Work order » Go through the lines below. Copy those with "IfcColumn".

Supplied material »
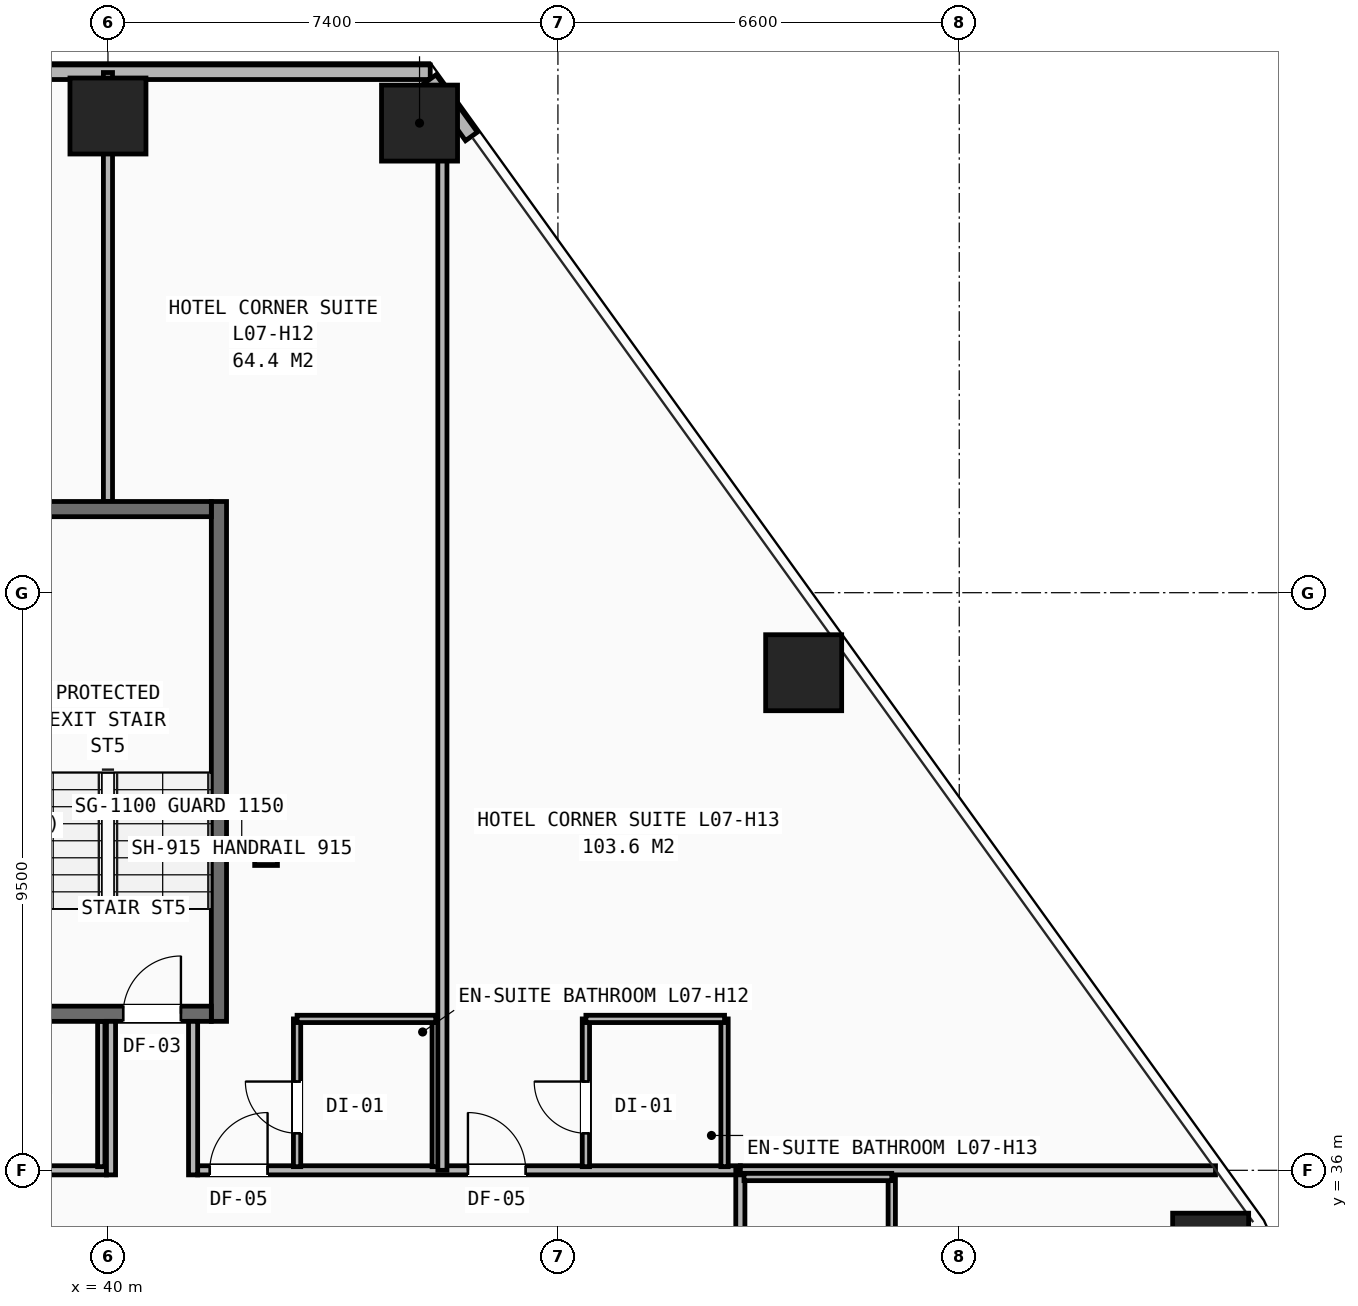
"""IFC4 building model, lengths in metres.
Left out: names, types, materials, properties, quantities, classifications, styles, units other than length and angle.
Written with IfcOpenShell. Run it as: python <this file> out.ifc"""

import sys

from ifc_helpers import new_model, si_unit, direction, frame, frame_2d, origin, origin_2d, place, context, subcontext, project, spatial, rectangle, hollow_rectangle, i_section, extrude, element, fill, save


model = new_model("IFC4")
c1 = context("Model", 3, precision=1e-05, world=origin(), true_north=direction((0.0, 1.0)))
c2 = subcontext(c1, "Body", "Model", "MODEL_VIEW")
j1 = project(units=[si_unit("LENGTHUNIT", "METRE"), si_unit("PLANEANGLEUNIT", "RADIAN")], contexts=[c1])
p1 = place(None, origin())
s1 = spatial("IfcSite", under=j1, at=p1, CompositionType="ELEMENT")
p2 = place(p1, origin())
s2 = spatial("IfcBuilding", under=s1, at=p2, CompositionType="ELEMENT")
p3 = place(p2, frame((0.0, 0.0, 30.4)))
s3 = spatial("IfcBuildingStorey", under=s2, at=p3, CompositionType="ELEMENT", Elevation=30.4)
p4 = place(p3, frame((42.6, 41.2, 0.0), z_axis=(0.0, 0.0, 1.0), x_axis=(1.0, 0.0, 0.0)))
e1 = element("IfcColumn", 1, at=p4, inside=s3, PredefinedType="COLUMN", context=c2, shape_type="SweptSolid", body=[
    extrude(i_section(OverallWidth=0.374, OverallDepth=0.372, WebThickness=0.016, FlangeThickness=0.026, at=origin_2d()), origin(), (0.0, 0.0, 1.0), 3.2),
])
for number, where, z_axis, x_axis in (
    (2, (45.124, 53.223, 0.0), (0.0, 0.0, 1.0), (1.0, 0.0, 0.0)),
    (3, (40.0, 53.34, 0.0), (0.0, 0.0, 1.0), (1.0, 0.0, 0.0)),
    (4, (58.135, 34.67, 0.0), (0.0, 0.0, 1.0), (1.0, 0.0, 0.0)),
    (5, (51.441, 44.184, 0.0), (0.0, 0.0, 1.0), (1.0, 0.0, 0.0)),
):
    element("IfcColumn", number, at=place(p3, frame(where, z_axis=z_axis, x_axis=x_axis)), inside=s3, PredefinedType="COLUMN", context=c2, shape_type="SweptSolid", body=[
        extrude(hollow_rectangle(XDim=1.25, YDim=1.25, WallThickness=0.08, at=origin_2d()), origin(), (0.0, 0.0, 1.0), 3.2),
    ])
p5 = place(p3, frame((34.7, 54.06, 0.0), z_axis=(0.0, 0.0, 1.0), x_axis=(1.0, 0.0, 0.0)))
e6 = element("IfcWall", 6, at=p5, inside=s3, PredefinedType="SHEAR", context=c2, shape_type="SweptSolid", body=[
    extrude(rectangle(XDim=10.6, YDim=0.24, at=frame_2d((5.3, 0.0))), origin(), (0.0, 0.0, 1.0), 2.263),
])
p6 = place(p3, frame((45.978, 53.005, 0.0), z_axis=(0.0, 0.0, 1.0), x_axis=(-0.584293660118, 0.811542308661, 0.0)))
e7 = element("IfcWall", 7, at=p6, inside=s3, PredefinedType="SHEAR", context=c2, shape_type="SweptSolid", body=[
    extrude(rectangle(XDim=1.162, YDim=0.24, at=frame_2d((0.581, 0.0))), origin(), (0.0, 0.0, 1.0), 2.263),
])
p7 = place(p3, frame((29.6, 36.0, 0.0), z_axis=(0.0, 0.0, 1.0), x_axis=(1.0, 0.0, 0.0)))
e8 = element("IfcWall", 8, at=p7, inside=s3, PredefinedType="PARTITIONING", context=c2, shape_type="SweptSolid", body=[
    extrude(rectangle(XDim=10.375, YDim=0.15, at=frame_2d((5.188, 0.0))), origin(), (0.0, 0.0, 1.0), 2.98),
])
p8 = place(p7, frame((0.57, 0.0, 0.0)))
e9 = element("IfcOpeningElement", 9, at=p8, cuts=e8, PredefinedType="OPENING", context=c2, shape_type="SweptSolid", body=[
    extrude(rectangle(XDim=0.95, YDim=2.1, at=frame_2d((0.475, 1.05))), frame((0.0, 0.085, 0.0), z_axis=(0.0, -1.0, 0.0), x_axis=(1.0, 0.0, 0.0)), (0.0, 0.0, 1.0), 0.17),
])
p9 = place(p7, frame((5.32, 0.0, 0.0)))
e10 = element("IfcOpeningElement", 10, at=p9, cuts=e8, PredefinedType="OPENING", context=c2, shape_type="SweptSolid", body=[
    extrude(rectangle(XDim=0.95, YDim=2.1, at=frame_2d((0.475, 1.05))), frame((0.0, 0.085, 0.0), z_axis=(0.0, -1.0, 0.0), x_axis=(1.0, 0.0, 0.0)), (0.0, 0.0, 1.0), 0.17),
])
p10 = place(p3, frame((41.475, 36.0, 0.0), z_axis=(0.0, 0.0, 1.0), x_axis=(1.0, 0.0, 0.0)))
e11 = element("IfcWall", 11, at=p10, inside=s3, PredefinedType="PARTITIONING", context=c2, shape_type="SweptSolid", body=[
    extrude(rectangle(XDim=8.925, YDim=0.15, at=frame_2d((4.462, 0.0))), origin(), (0.0, 0.0, 1.0), 2.513),
])
p11 = place(p10, frame((0.2, 0.0, 0.0)))
e12 = element("IfcOpeningElement", 12, at=p11, cuts=e11, PredefinedType="OPENING", context=c2, shape_type="SweptSolid", body=[
    extrude(rectangle(XDim=0.95, YDim=2.1, at=frame_2d((0.475, 1.05))), frame((0.0, 0.085, 0.0), z_axis=(0.0, -1.0, 0.0), x_axis=(1.0, 0.0, 0.0)), (0.0, 0.0, 1.0), 0.17),
])
p12 = place(p10, frame((4.445, 0.0, 0.0)))
e13 = element("IfcOpeningElement", 13, at=p12, cuts=e11, PredefinedType="OPENING", context=c2, shape_type="SweptSolid", body=[
    extrude(rectangle(XDim=0.95, YDim=2.1, at=frame_2d((0.475, 1.05))), frame((0.0, 0.085, 0.0), z_axis=(0.0, -1.0, 0.0), x_axis=(1.0, 0.0, 0.0)), (0.0, 0.0, 1.0), 0.17),
])
p13 = place(p3, frame((50.4, 14.1, 0.0), z_axis=(0.0, 0.0, 1.0), x_axis=(0.0, 1.0, 0.0)))
e14 = element("IfcWall", 14, at=p13, inside=s3, PredefinedType="PARTITIONING", context=c2, shape_type="SweptSolid", body=[
    extrude(rectangle(XDim=21.9, YDim=0.15, at=frame_2d((10.95, 0.0))), origin(), (0.0, 0.0, 1.0), 2.431),
])
p14 = place(p13, frame((0.42, 0.0, 0.0)))
e15 = element("IfcOpeningElement", 15, at=p14, cuts=e14, PredefinedType="OPENING", context=c2, shape_type="SweptSolid", body=[
    extrude(rectangle(XDim=0.95, YDim=2.1, at=frame_2d((0.475, 1.05))), frame((0.0, 0.085, 0.0), z_axis=(0.0, -1.0, 0.0), x_axis=(1.0, 0.0, 0.0)), (0.0, 0.0, 1.0), 0.17),
])
p15 = place(p13, frame((7.82, 0.0, 0.0)))
e16 = element("IfcOpeningElement", 16, at=p15, cuts=e14, PredefinedType="OPENING", context=c2, shape_type="SweptSolid", body=[
    extrude(rectangle(XDim=0.95, YDim=2.1, at=frame_2d((0.475, 1.05))), frame((0.0, 0.085, 0.0), z_axis=(0.0, -1.0, 0.0), x_axis=(1.0, 0.0, 0.0)), (0.0, 0.0, 1.0), 0.17),
])
p16 = place(p13, frame((15.32, 0.0, 0.0)))
e17 = element("IfcOpeningElement", 17, at=p16, cuts=e14, PredefinedType="OPENING", context=c2, shape_type="SweptSolid", body=[
    extrude(rectangle(XDim=0.95, YDim=2.1, at=frame_2d((0.475, 1.05))), frame((0.0, 0.085, 0.0), z_axis=(0.0, -1.0, 0.0), x_axis=(1.0, 0.0, 0.0)), (0.0, 0.0, 1.0), 0.17),
])
p17 = place(p3, frame((50.4, 36.0, 0.0), z_axis=(0.0, 0.0, 1.0), x_axis=(1.0, 0.0, 0.0)))
e18 = element("IfcWall", 18, at=p17, inside=s3, PredefinedType="PARTITIONING", context=c2, shape_type="SweptSolid", body=[
    extrude(rectangle(XDim=7.814, YDim=0.15, at=frame_2d((3.907, 0.0))), origin(), (0.0, 0.0, 1.0), 2.268),
])
p18 = place(p3, frame((52.89, 33.61, 0.0), z_axis=(0.0, 0.0, 1.0), x_axis=(0.0, 1.0, 0.0)))
e19 = element("IfcWall", 19, at=p18, inside=s3, PredefinedType="PARTITIONING", context=c2, shape_type="SweptSolid", body=[
    extrude(rectangle(XDim=2.28, YDim=0.12, at=frame_2d((1.14, 0.0))), origin(), (0.0, 0.0, 1.0), 2.98),
])
p19 = place(p3, frame((50.46, 35.89, 0.0), z_axis=(0.0, 0.0, 1.0), x_axis=(1.0, 0.0, 0.0)))
e20 = element("IfcWall", 20, at=p19, inside=s3, PredefinedType="PARTITIONING", context=c2, shape_type="SweptSolid", body=[
    extrude(rectangle(XDim=2.43, YDim=0.12, at=frame_2d((1.215, 0.0))), origin(), (0.0, 0.0, 1.0), 2.513),
])
p20 = place(p3, frame((39.89, 36.06, 0.0), z_axis=(0.0, 0.0, 1.0), x_axis=(0.0, 1.0, 0.0)))
e21 = element("IfcWall", 21, at=p20, inside=s3, PredefinedType="PARTITIONING", context=c2, shape_type="SweptSolid", body=[
    extrude(rectangle(XDim=2.39, YDim=0.12, at=frame_2d((1.195, 0.0))), origin(), (0.0, 0.0, 1.0), 2.98),
])
p21 = place(p3, frame((40.0, 47.0, 0.0), z_axis=(0.0, 0.0, 1.0), x_axis=(0.0, 1.0, 0.0)))
e22 = element("IfcWall", 22, at=p21, inside=s3, PredefinedType="PARTITIONING", context=c2, shape_type="SweptSolid", body=[
    extrude(rectangle(XDim=7.055, YDim=0.15, at=frame_2d((3.528, 0.0))), origin(), (0.0, 0.0, 1.0), 2.268),
])
p22 = place(p3, frame((43.11, 36.06, 0.0), z_axis=(0.0, 0.0, 1.0), x_axis=(0.0, 1.0, 0.0)))
e23 = element("IfcWall", 23, at=p22, inside=s3, PredefinedType="PARTITIONING", context=c2, shape_type="SweptSolid", body=[
    extrude(rectangle(XDim=2.43, YDim=0.12, at=frame_2d((1.215, 0.0))), origin(), (0.0, 0.0, 1.0), 2.98),
])
p23 = place(p22, frame((0.55, 0.0, 0.0)))
e24 = element("IfcOpeningElement", 24, at=p23, cuts=e23, PredefinedType="OPENING", context=c2, shape_type="SweptSolid", body=[
    extrude(rectangle(XDim=0.85, YDim=2.05, at=frame_2d((0.425, 1.025))), frame((0.0, 0.07, 0.0), z_axis=(0.0, -1.0, 0.0), x_axis=(1.0, 0.0, 0.0)), (0.0, 0.0, 1.0), 0.14),
])
p24 = place(p3, frame((45.39, 36.06, 0.0), z_axis=(0.0, 0.0, 1.0), x_axis=(0.0, 1.0, 0.0)))
e25 = element("IfcWall", 25, at=p24, inside=s3, PredefinedType="PARTITIONING", context=c2, shape_type="SweptSolid", body=[
    extrude(rectangle(XDim=2.43, YDim=0.12, at=frame_2d((1.215, 0.0))), origin(), (0.0, 0.0, 1.0), 2.98),
])
p25 = place(p3, frame((43.11, 38.49, 0.0), z_axis=(0.0, 0.0, 1.0), x_axis=(1.0, 0.0, 0.0)))
e26 = element("IfcWall", 26, at=p25, inside=s3, PredefinedType="PARTITIONING", context=c2, shape_type="SweptSolid", body=[
    extrude(rectangle(XDim=2.28, YDim=0.12, at=frame_2d((1.14, 0.0))), origin(), (0.0, 0.0, 1.0), 2.98),
])
p26 = place(p3, frame((45.5, 36.0, 0.0), z_axis=(0.0, 0.0, 1.0), x_axis=(0.0, 1.0, 0.0)))
e27 = element("IfcWall", 27, at=p26, inside=s3, PredefinedType="PARTITIONING", context=c2, shape_type="SweptSolid", body=[
    extrude(rectangle(XDim=17.66, YDim=0.15, at=frame_2d((8.83, 0.0))), origin(), (0.0, 0.0, 1.0), 2.268),
])
p27 = place(p3, frame((47.86, 36.06, 0.0), z_axis=(0.0, 0.0, 1.0), x_axis=(0.0, 1.0, 0.0)))
e28 = element("IfcWall", 28, at=p27, inside=s3, PredefinedType="PARTITIONING", context=c2, shape_type="SweptSolid", body=[
    extrude(rectangle(XDim=2.43, YDim=0.12, at=frame_2d((1.215, 0.0))), origin(), (0.0, 0.0, 1.0), 2.98),
])
p28 = place(p27, frame((0.55, 0.0, 0.0)))
e29 = element("IfcOpeningElement", 29, at=p28, cuts=e28, PredefinedType="OPENING", context=c2, shape_type="SweptSolid", body=[
    extrude(rectangle(XDim=0.85, YDim=2.05, at=frame_2d((0.425, 1.025))), frame((0.0, 0.07, 0.0), z_axis=(0.0, -1.0, 0.0), x_axis=(1.0, 0.0, 0.0)), (0.0, 0.0, 1.0), 0.14),
])
p29 = place(p3, frame((50.14, 36.06, 0.0), z_axis=(0.0, 0.0, 1.0), x_axis=(0.0, 1.0, 0.0)))
e30 = element("IfcWall", 30, at=p29, inside=s3, PredefinedType="PARTITIONING", context=c2, shape_type="SweptSolid", body=[
    extrude(rectangle(XDim=2.43, YDim=0.12, at=frame_2d((1.215, 0.0))), origin(), (0.0, 0.0, 1.0), 2.513),
])
p30 = place(p3, frame((47.86, 38.49, 0.0), z_axis=(0.0, 0.0, 1.0), x_axis=(1.0, 0.0, 0.0)))
e31 = element("IfcWall", 31, at=p30, inside=s3, PredefinedType="PARTITIONING", context=c2, shape_type="SweptSolid", body=[
    extrude(rectangle(XDim=2.28, YDim=0.12, at=frame_2d((1.14, 0.0))), origin(), (0.0, 0.0, 1.0), 2.513),
])
p31 = place(p3, frame((41.825, 38.45, 0.0), z_axis=(0.0, 0.0, 1.0), x_axis=(0.0, 1.0, 0.0)))
e32 = element("IfcWall", 32, at=p31, inside=s3, PredefinedType="SHEAR", context=c2, shape_type="SweptSolid", body=[
    extrude(rectangle(XDim=8.55, YDim=0.25, at=frame_2d((4.275, 0.0))), origin(), (0.0, 0.0, 1.0), 2.98),
])
p32 = place(p3, frame((38.3, 38.575, 0.0), z_axis=(0.0, 0.0, 1.0), x_axis=(1.0, 0.0, 0.0)))
e33 = element("IfcWall", 33, at=p32, inside=s3, PredefinedType="SHEAR", context=c2, shape_type="SweptSolid", body=[
    extrude(rectangle(XDim=3.4, YDim=0.25, at=frame_2d((1.7, 0.0))), origin(), (0.0, 0.0, 1.0), 2.98),
])
p33 = place(p32, frame((1.95, 0.0, 0.0)))
e34 = element("IfcOpeningElement", 34, at=p33, cuts=e33, PredefinedType="OPENING", context=c2, shape_type="SweptSolid", body=[
    extrude(rectangle(XDim=0.95, YDim=2.1, at=frame_2d((0.475, 1.05))), frame((0.0, 0.135, 0.0), z_axis=(0.0, -1.0, 0.0), x_axis=(1.0, 0.0, 0.0)), (0.0, 0.0, 1.0), 0.27),
])
p34 = place(p3, frame((38.3, 46.875, 0.0), z_axis=(0.0, 0.0, 1.0), x_axis=(1.0, 0.0, 0.0)))
e35 = element("IfcWall", 35, at=p34, inside=s3, PredefinedType="SHEAR", context=c2, shape_type="SweptSolid", body=[
    extrude(rectangle(XDim=3.4, YDim=0.25, at=frame_2d((1.7, 0.0))), origin(), (0.0, 0.0, 1.0), 2.98),
])
for number, where, z_axis, x_axis in (
    (36, (40.05, 35.925, 0.0), (0.0, 0.0, 1.0), (0.0, 1.0, 0.0)),
    (37, (41.4, 35.925, 0.0), (0.0, 0.0, 1.0), (0.0, 1.0, 0.0)),
):
    element("IfcWall", number, at=place(p3, frame(where, z_axis=z_axis, x_axis=x_axis)), inside=s3, PredefinedType="PARTITIONING", context=c2, shape_type="SweptSolid", body=[
        extrude(rectangle(XDim=2.525, YDim=0.15, at=frame_2d((1.262, 0.0))), origin(), (0.0, 0.0, 1.0), 2.98),
    ])
p35 = place(p11, origin())
e38 = element("IfcDoor", 38, at=p35, inside=s3, OperationType="SINGLE_SWING_RIGHT", PredefinedType="DOOR", context=c2, shape_type="SweptSolid", body=[
    extrude(rectangle(XDim=0.95, YDim=2.1, at=frame_2d((0.475, 1.05))), frame((0.0, 0.025, 0.0), z_axis=(0.0, -1.0, 0.0), x_axis=(1.0, 0.0, 0.0)), (0.0, 0.0, 1.0), 0.05),
])
fill(e12, e38)
p36 = place(p23, origin())
e39 = element("IfcDoor", 39, at=p36, inside=s3, OperationType="SINGLE_SWING_RIGHT", PredefinedType="DOOR", context=c2, shape_type="SweptSolid", body=[
    extrude(rectangle(XDim=0.85, YDim=2.05, at=frame_2d((0.425, 1.025))), frame((0.0, 0.025, 0.0), z_axis=(0.0, -1.0, 0.0), x_axis=(1.0, 0.0, 0.0)), (0.0, 0.0, 1.0), 0.05),
])
fill(e24, e39)
p37 = place(p12, origin())
e40 = element("IfcDoor", 40, at=p37, inside=s3, OperationType="SINGLE_SWING_LEFT", PredefinedType="DOOR", context=c2, shape_type="SweptSolid", body=[
    extrude(rectangle(XDim=0.95, YDim=2.1, at=frame_2d((0.475, 1.05))), frame((0.0, 0.025, 0.0), z_axis=(0.0, -1.0, 0.0), x_axis=(1.0, 0.0, 0.0)), (0.0, 0.0, 1.0), 0.05),
])
fill(e13, e40)
p38 = place(p28, origin())
e41 = element("IfcDoor", 41, at=p38, inside=s3, OperationType="SINGLE_SWING_RIGHT", PredefinedType="DOOR", context=c2, shape_type="SweptSolid", body=[
    extrude(rectangle(XDim=0.85, YDim=2.05, at=frame_2d((0.425, 1.025))), frame((0.0, 0.025, 0.0), z_axis=(0.0, -1.0, 0.0), x_axis=(1.0, 0.0, 0.0)), (0.0, 0.0, 1.0), 0.05),
])
fill(e29, e41)
p39 = place(p33, origin())
e42 = element("IfcDoor", 42, at=p39, inside=s3, OperationType="SINGLE_SWING_RIGHT", PredefinedType="DOOR", context=c2, shape_type="SweptSolid", body=[
    extrude(rectangle(XDim=0.95, YDim=2.1, at=frame_2d((0.475, 1.05))), frame((0.0, 0.025, 0.0), z_axis=(0.0, -1.0, 0.0), x_axis=(1.0, 0.0, 0.0)), (0.0, 0.0, 1.0), 0.05),
])
fill(e34, e42)
save(model, sys.argv[1])

Final answer »
e1 = element("IfcColumn", 1, at=p4, inside=s3, PredefinedType="COLUMN", context=c2, shape_type="SweptSolid", body=[
    element("IfcColumn", number, at=place(p3, frame(where, z_axis=z_axis, x_axis=x_axis)), inside=s3, PredefinedType="COLUMN", context=c2, shape_type="SweptSolid", body=[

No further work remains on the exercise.